TASK REQUIREMENTS: Search the entries for the word "Door". Copy every line that holds it.

::::::::::

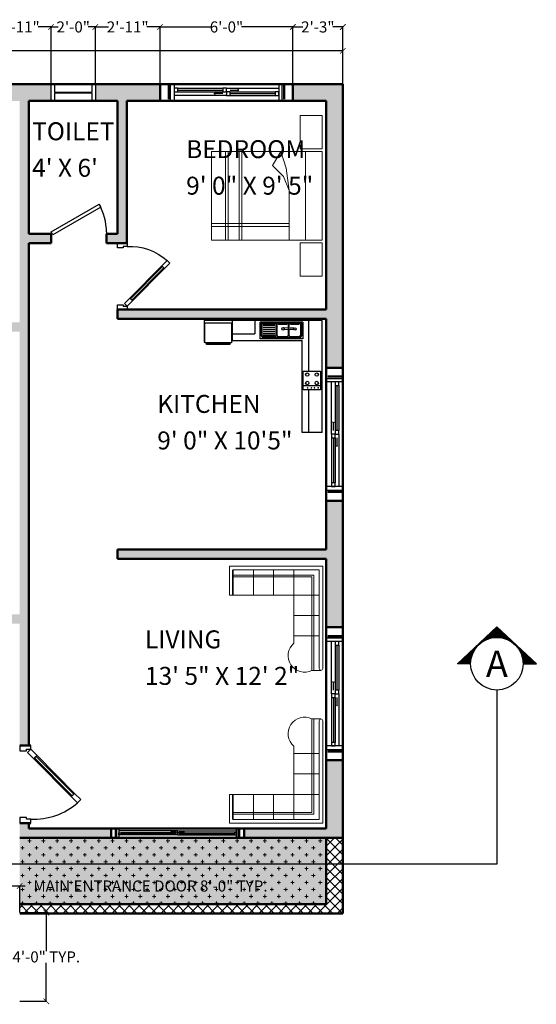
# Model space of a CAD drawing. Units: inches. Extents: x 2278 to 7495, y -71 to 1198.
# Tile 44 of 44: x 7215 to 7495, y 665 to 1198. Entities that reach past the tile are written whole.
import ezdxf
from ezdxf.enums import TextEntityAlignment as Align

# ---------------------------------------------------------------- set-up
doc = ezdxf.new("R2010")
doc.units = ezdxf.units.IN
doc.header["$MEASUREMENT"] = 0
for name, color, linetype, lineweight in [('A-ANNO-DIMS', 2, 'Continuous', 18), ('A-ANNO-SYMB', 1, 'Continuous', 25), ('A-AREA-IDEN', 3, 'Continuous', 18), ('A-Door', 3, 'Continuous', 25), ('A-FLOR-FIXT', 9, 'Continuous', 18), ('A-FURN', 8, 'Continuous', 18), ('A-Glaz', 4, 'Continuous', 25), ('A-Wall', 7, 'Continuous', 50), ('A-WALL-PATT', 8, 'Continuous', 18)]:
    doc.layers.add(name, color=color, linetype=linetype, lineweight=lineweight)
doc.layers.add('TEFRIŞ', color=11, linetype='Continuous')
doc.styles.add('KH-TRUC', font='txt', dxfattribs={"height": 200})
doc.styles.get("Standard").update_dxf_attribs({"font": 'arial.ttf'})
doc.dimstyles.get("Standard").update_dxf_attribs({"dimtxt": 6, "dimasz": 3, "dimexe": 0.18, "dimexo": 0.0625, "dimgap": 0.09, "dimtad": 0, "dimtih": 1, "dimtoh": 1, "dimdec": 0, "dimzin": 0, "dimdsep": 46, "dimlunit": 3, "dimtxsty": 'Standard', "dimblk": 'ARCHTICK', "dimcen": 0.09, "dimadec": 0, "dimazin": 0, "dimtfac": 1, "dimtdec": 0, "dimtofl": 0, "dimtmove": 0, "dimatfit": 3, "dimfxl": 1, "dimtolj": 1, "dimtzin": 0, "dimarcsym": 0})

# ---------------------------------------------------------------- blocks, each defined once
blk = doc.blocks.new('A$C1DF4181C')
blk.add_lwpolyline([(120, 128), (460.7, 466.1), (432.5, 494.5), (91.8, 156.4)], close=True)
blk.add_arc((72.4, 128.7), 593.3, 357.23132, 41.49368)
at = {"layer": 'A-Door'}
for points in [[(517.5, 522.4), (460.7, 466.1), (432.5, 494.5), (489.3, 550.8)], [(35, 100), (0, 100), (0, 0), (50, 0), (50, 50), (50, 60), (35, 60)], [(63.2, 71.6), (120, 128), (91.8, 156.4), (35, 100)], [(665, 100), (665, 60), (650, 60), (650, 50), (650, 0), (700, 0), (700, 100)]]:
    blk.add_lwpolyline(points, close=True, dxfattribs=at)
at = {"layer": 'A-Glaz'}
blk.add_lwpolyline([(112.9, 135.1), (453.6, 473.2), (439.5, 487.4), (98.8, 149.3)], close=True, dxfattribs=at)
at = {"layer": 'A-Wall'}
for p, q in [((0, 0), (0, 100)), ((0, 100), (0, 0)), ((700, 0), (700, 100)), ((700, 0), (700, 100))]:
    blk.add_line(p, q, dxfattribs=at)
blk = doc.blocks.new('*U4')
for p, q in [((0, 0), (0, -6)), ((30, 0), (30, -6))]:
    blk.add_line(p, q)
blk.add_lwpolyline([(0, 0), (25.98, 15), (26.86, 13.48), (0.87, -1.52)], close=True)
blk.add_arc((0, 0), 30, 0, 30)
blk = doc.blocks.new('BED-160')
at = {"color": 0}
for p, q in [((-0.45, 2.35), (-0.45, 2.95)), ((-0.45, 2.95), (-0.05, 2.95)), ((-0.05, 2.95), (-0.05, 2.35)), ((-0.05, 2.35), (-0.45, 2.35)), ((-2.05, 2.3), (-0.05, 2.3)), ((-2.05, 0.7), (-2.05, 2.3)), ((-1.8, 0.7), (-1.8, 2.3)), ((-1.75, 0.7), (-1.75, 2.3)), ((-1.55, 0.7), (-1.55, 2.3)), ((-1.5, 0.7), (-1.5, 2.3)), ((-0.8, 2.3), (-0.95, 2.05)), ((-0.8, 2.3), (-0.7, 2)), ((-0.35, 0.7), (-0.35, 2.3)), ((-0.05, 2.3), (-0.05, 0.7)), ((-0.95, 2.05), (-0.75, 1.85)), ((-0.7, 2), (-0.65, 1.6)), ((-0.75, 1.85), (-0.65, 1.6)), ((-0.65, 1.6), (-0.65, 0.7)), ((-0.65, 1), (-2.05, 1)), ((-0.65, 0.95), (-2.05, 0.95)), ((-0.05, 0.7), (-2.05, 0.7)), ((-0.45, 0.65), (-0.05, 0.65)), ((-0.45, 0.05), (-0.45, 0.65)), ((-0.05, 0.65), (-0.05, 0.05)), ((-0.05, 0.05), (-0.45, 0.05))]:
    blk.add_line(p, q, dxfattribs=at)
blk = doc.blocks.new('A$C008029BD')
at = {"layer": 'TEFRIŞ', "ltscale": 0.05}
for p, q in [((0, 0), (0, -3.55)), ((3.37, 0), (0, 0)), ((3.37, 0), (3.37, -0.6)), ((1.522, -0.4), (0, -0.4)), ((0.05, -0.581), (0.05, -1.869)), ((0.05, -0.581), (0.55, -0.581)), ((0.55, -0.581), (0.55, -1.869)), ((3.37, -0.4), (2.083, -0.4)), ((0.086, -1.773), (0.086, -0.677)), ((0.096, -0.617), (0.454, -0.617)), ((0.099, -0.659), (0.457, -0.659)), ((0.113, -0.954), (0.113, -0.695)), ((0.23, -0.846), (0.229, -0.967)), ((0.28, -0.846), (0.277, -1.158)), ((0.493, -0.695), (0.493, -0.954)), ((0.514, -0.677), (0.514, -1.773)), ((0.6, -2.71), (0.6, -0.6)), ((3.37, -0.6), (0.6, -0.6)), ((0.096, -1.024), (0.454, -1.024)), ((0.457, -0.99), (0.099, -0.99)), ((0.11, -1.319), (0.11, -1.06)), ((0.228, -1.02), (0.227, -1.159)), ((0.49, -1.06), (0.49, -1.319)), ((0.454, -1.355), (0.096, -1.355)), ((0.096, -1.391), (0.454, -1.391)), ((0.11, -1.773), (0.11, -1.427)), ((0.154, -1.773), (0.154, -1.427)), ((0.214, -1.773), (0.214, -1.427)), ((0.274, -1.773), (0.274, -1.427)), ((0.334, -1.773), (0.334, -1.427)), ((0.39, -1.773), (0.39, -1.427)), ((0.444, -1.773), (0.444, -1.427)), ((0.49, -1.427), (0.49, -1.773)), ((0, -2.025), (0.4, -2.025)), ((0.55, -1.869), (0.05, -1.869)), ((0.454, -1.809), (0.096, -1.809)), ((0.454, -1.833), (0.096, -1.833)), ((0.4, -2.71), (0.4, -2.025)), ((0, -2.71), (0.6, -2.71)), ((0, -3.55), (0.65, -3.55))]:
    blk.add_line(p, q, dxfattribs=at)
at = {"layer": 'TEFRIŞ'}
blk.add_line((1.969, -0.05), (1.969, -0.572), dxfattribs=at)
at = {"layer": 'TEFRIŞ', "ltscale": 0.05}
for points in [[(1.522, -0.05), (2.083, -0.05), (2.083, -0.572), (1.522, -0.572)], [(0.67, -2.73), (0.67, -3.53), (0.07, -3.53), (0.07, -2.73)], [(0.72, -2.78), (0.72, -3.48), (0.67, -3.48), (0.67, -2.78)]]:
    blk.add_lwpolyline(points, close=True, dxfattribs=at)
at = {"layer": 'TEFRIŞ', "const_width": 0.025}
for points in [[(2.014, -0.123, 1), (2.039, -0.123, 1)], [(2.014, -0.236, 1), (2.039, -0.236, 1)], [(2.014, -0.327, 1), (2.039, -0.327, 1)], [(2.014, -0.44, 1), (2.039, -0.44, 1)]]:
    blk.add_lwpolyline(points, format="xyb", close=True, dxfattribs=at)
at = {"layer": 'TEFRIŞ', "ltscale": 0.05}
for centre, radius in [((1.628, -0.164), 0.0505), ((1.628, -0.45), 0.0505), ((0.255, -0.82), 0.036), ((0.252, -1.184), 0.036)]:
    blk.add_circle(centre, radius, dxfattribs=at)
at = {"layer": 'TEFRIŞ'}
for centre in [(1.88, -0.164), (1.88, -0.45)]:
    blk.add_circle(centre, 0.0505, dxfattribs=at)
at = {"layer": 'TEFRIŞ', "ltscale": 0.05}
for centre, radius, start, end in [((0.108, -0.649), 0.0351, 110.4976, 230.5777), ((0.118, -0.673), 0.023, 143.9853, 258.5157), ((0.454, -0.677), 0.06, 0, 90), ((0.457, -0.695), 0.036, 0, 90), ((0.115, -1.038), 0.023, 143.9853, 258.5157), ((0.118, -0.976), 0.023, 101.4843, 216.0147), ((0.454, -1.06), 0.036, 0, 90), ((0.457, -0.954), 0.036, 270, 0), ((0.115, -1.341), 0.023, 101.4843, 216.0147), ((0.115, -1.405), 0.023, 143.9853, 258.5157), ((0.454, -1.319), 0.036, 270, 0), ((0.454, -1.427), 0.036, 0, 90), ((0.108, -1.801), 0.0351, 129.4223, 249.5024), ((0.115, -1.796), 0.023, 101.4843, 216.0147), ((0.454, -1.773), 0.06, 270, 0), ((0.454, -1.773), 0.036, 270, 0)]:
    blk.add_arc(centre, radius, start, end, dxfattribs=at)
blk = doc.blocks.new('_ArchTick')
at = {"color": 0, "linetype": 'ByBlock', "const_width": 0.15}
blk.add_lwpolyline([(-0.5, -0.5), (0.5, 0.5)], dxfattribs=at)
blk = doc.blocks.new('*D28')
at = {"layer": 'A-ANNO-DIMS', "color": 0, "lineweight": -2, "transparency": 16777216}
for p, q in [((6987.12, 1163.53), (6987.12, 1181.72)), ((6987.12, 1181.54), (7178.22, 1181.54)), ((7390.12, 1181.54), (7199.01, 1181.54)), ((7390.12, 1163.53), (7390.12, 1181.72))]:
    blk.add_line(p, q, dxfattribs=at)
at = {"layer": 'Defpoints', "color": 0, "transparency": 16777216}
for p in [(7390.12, 1181.54), (6987.12, 1163.47), (7390.12, 1163.47)]:
    blk.add_point(p, dxfattribs=at)
at = {"layer": 'A-ANNO-DIMS', "color": 0, "lineweight": -2, "transparency": 16777216, "xscale": 3, "yscale": 3, "zscale": 3, "rotation": 180}
blk.add_blockref('_ArchTick', (6987.12, 1181.54), dxfattribs=at)
at = {"layer": 'A-ANNO-DIMS', "color": 0, "lineweight": -2, "transparency": 16777216, "xscale": 3, "yscale": 3, "zscale": 3}
blk.add_blockref('_ArchTick', (7390.12, 1181.54), dxfattribs=at)
at = {"layer": 'A-ANNO-DIMS', "color": 0, "transparency": 16777216, "insert": (7188.62, 1181.54), "char_height": 6, "attachment_point": 5}
blk.add_mtext('\\A1;33\'-7"', dxfattribs=at)
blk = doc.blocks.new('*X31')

::::::::::

ANSWER FOR THE TASK:
for name, color, linetype, lineweight in [('A-ANNO-DIMS', 2, 'Continuous', 18), ('A-ANNO-SYMB', 1, 'Continuous', 25), ('A-AREA-IDEN', 3, 'Continuous', 18), ('A-Door', 3, 'Continuous', 25), ('A-FLOR-FIXT', 9, 'Continuous', 18), ('A-FURN', 8, 'Continuous', 18), ('A-Glaz', 4, 'Continuous', 25), ('A-Wall', 7, 'Continuous', 50), ('A-WALL-PATT', 8, 'Continuous', 18)]:
at = {"layer": 'A-Door'}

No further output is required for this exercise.